**Your goal**
Select all lines in the records that include "None".

Records excerpted from a collection:
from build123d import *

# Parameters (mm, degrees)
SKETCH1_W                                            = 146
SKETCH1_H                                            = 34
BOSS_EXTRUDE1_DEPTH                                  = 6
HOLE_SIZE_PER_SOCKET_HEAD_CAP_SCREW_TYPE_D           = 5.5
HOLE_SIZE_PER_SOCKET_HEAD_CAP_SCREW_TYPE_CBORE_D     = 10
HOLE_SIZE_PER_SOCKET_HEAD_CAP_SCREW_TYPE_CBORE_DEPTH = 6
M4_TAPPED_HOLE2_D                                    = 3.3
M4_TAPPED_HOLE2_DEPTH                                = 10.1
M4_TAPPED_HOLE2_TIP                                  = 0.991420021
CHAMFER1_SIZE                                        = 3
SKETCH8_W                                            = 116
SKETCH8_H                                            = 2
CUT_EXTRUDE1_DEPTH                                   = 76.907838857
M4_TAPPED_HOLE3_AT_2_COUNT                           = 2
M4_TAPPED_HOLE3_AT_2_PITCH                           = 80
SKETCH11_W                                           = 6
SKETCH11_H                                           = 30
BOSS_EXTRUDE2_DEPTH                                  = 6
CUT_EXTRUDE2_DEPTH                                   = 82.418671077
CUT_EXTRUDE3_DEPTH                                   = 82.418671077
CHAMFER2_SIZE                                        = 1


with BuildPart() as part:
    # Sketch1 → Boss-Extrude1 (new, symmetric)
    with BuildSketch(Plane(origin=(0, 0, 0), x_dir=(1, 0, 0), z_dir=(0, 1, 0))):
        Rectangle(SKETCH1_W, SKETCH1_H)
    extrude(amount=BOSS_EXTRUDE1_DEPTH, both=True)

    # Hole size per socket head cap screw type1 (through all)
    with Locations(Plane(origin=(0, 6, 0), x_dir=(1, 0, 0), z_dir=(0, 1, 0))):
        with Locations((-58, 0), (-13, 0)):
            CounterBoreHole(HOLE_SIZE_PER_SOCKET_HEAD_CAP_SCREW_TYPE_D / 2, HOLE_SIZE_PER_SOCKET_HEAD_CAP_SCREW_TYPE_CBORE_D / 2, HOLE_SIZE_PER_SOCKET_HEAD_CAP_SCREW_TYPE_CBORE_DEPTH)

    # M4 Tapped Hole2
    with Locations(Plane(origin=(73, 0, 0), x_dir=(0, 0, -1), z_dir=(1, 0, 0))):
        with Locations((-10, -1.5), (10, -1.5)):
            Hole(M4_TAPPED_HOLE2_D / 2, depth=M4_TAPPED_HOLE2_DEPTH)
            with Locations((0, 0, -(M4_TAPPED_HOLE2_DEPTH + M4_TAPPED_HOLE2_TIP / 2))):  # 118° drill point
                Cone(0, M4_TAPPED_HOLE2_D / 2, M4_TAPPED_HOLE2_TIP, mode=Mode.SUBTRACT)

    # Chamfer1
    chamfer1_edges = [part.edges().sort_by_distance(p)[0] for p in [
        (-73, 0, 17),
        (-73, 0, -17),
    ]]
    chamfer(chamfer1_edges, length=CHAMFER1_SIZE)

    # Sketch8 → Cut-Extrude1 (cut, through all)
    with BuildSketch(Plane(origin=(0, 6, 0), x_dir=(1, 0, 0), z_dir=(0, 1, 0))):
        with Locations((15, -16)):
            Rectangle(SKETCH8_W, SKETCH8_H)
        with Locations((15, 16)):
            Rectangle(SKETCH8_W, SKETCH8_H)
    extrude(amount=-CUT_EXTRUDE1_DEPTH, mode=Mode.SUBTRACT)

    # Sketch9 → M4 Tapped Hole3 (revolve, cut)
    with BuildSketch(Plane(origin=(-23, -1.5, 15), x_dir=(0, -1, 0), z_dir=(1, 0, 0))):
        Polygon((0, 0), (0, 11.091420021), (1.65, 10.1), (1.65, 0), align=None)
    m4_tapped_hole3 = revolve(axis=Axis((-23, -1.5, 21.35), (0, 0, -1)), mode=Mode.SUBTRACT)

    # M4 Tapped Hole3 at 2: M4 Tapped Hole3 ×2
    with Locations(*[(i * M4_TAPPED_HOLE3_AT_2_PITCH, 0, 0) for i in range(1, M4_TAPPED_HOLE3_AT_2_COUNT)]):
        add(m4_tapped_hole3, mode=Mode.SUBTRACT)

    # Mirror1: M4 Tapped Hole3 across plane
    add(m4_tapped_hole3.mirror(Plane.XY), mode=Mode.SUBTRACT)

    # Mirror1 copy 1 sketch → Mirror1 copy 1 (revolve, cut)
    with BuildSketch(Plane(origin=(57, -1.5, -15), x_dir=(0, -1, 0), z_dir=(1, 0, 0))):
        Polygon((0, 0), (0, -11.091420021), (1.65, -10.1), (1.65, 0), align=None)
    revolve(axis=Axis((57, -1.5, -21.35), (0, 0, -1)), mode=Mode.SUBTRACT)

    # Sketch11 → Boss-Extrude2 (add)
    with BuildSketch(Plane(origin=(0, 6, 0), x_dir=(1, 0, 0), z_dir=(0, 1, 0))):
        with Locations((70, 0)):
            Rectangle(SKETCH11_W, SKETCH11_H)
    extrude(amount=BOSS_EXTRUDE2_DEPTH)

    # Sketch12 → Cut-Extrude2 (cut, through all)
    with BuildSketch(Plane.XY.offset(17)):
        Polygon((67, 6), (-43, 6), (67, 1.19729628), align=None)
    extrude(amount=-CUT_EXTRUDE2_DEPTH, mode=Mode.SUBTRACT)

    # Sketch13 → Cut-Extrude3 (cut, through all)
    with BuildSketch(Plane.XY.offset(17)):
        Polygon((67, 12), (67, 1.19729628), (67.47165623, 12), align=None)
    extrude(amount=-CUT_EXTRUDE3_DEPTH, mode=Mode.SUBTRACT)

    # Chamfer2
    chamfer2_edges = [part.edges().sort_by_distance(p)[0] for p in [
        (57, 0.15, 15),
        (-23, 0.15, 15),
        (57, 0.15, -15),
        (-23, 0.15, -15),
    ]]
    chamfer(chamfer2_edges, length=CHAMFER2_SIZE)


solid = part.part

**Response for this exercise**
        Polygon((0, 0), (0, 11.091420021), (1.65, 10.1), (1.65, 0), align=None)
        Polygon((0, 0), (0, -11.091420021), (1.65, -10.1), (1.65, 0), align=None)
        Polygon((67, 6), (-43, 6), (67, 1.19729628), align=None)
        Polygon((67, 12), (67, 1.19729628), (67.47165623, 12), align=None)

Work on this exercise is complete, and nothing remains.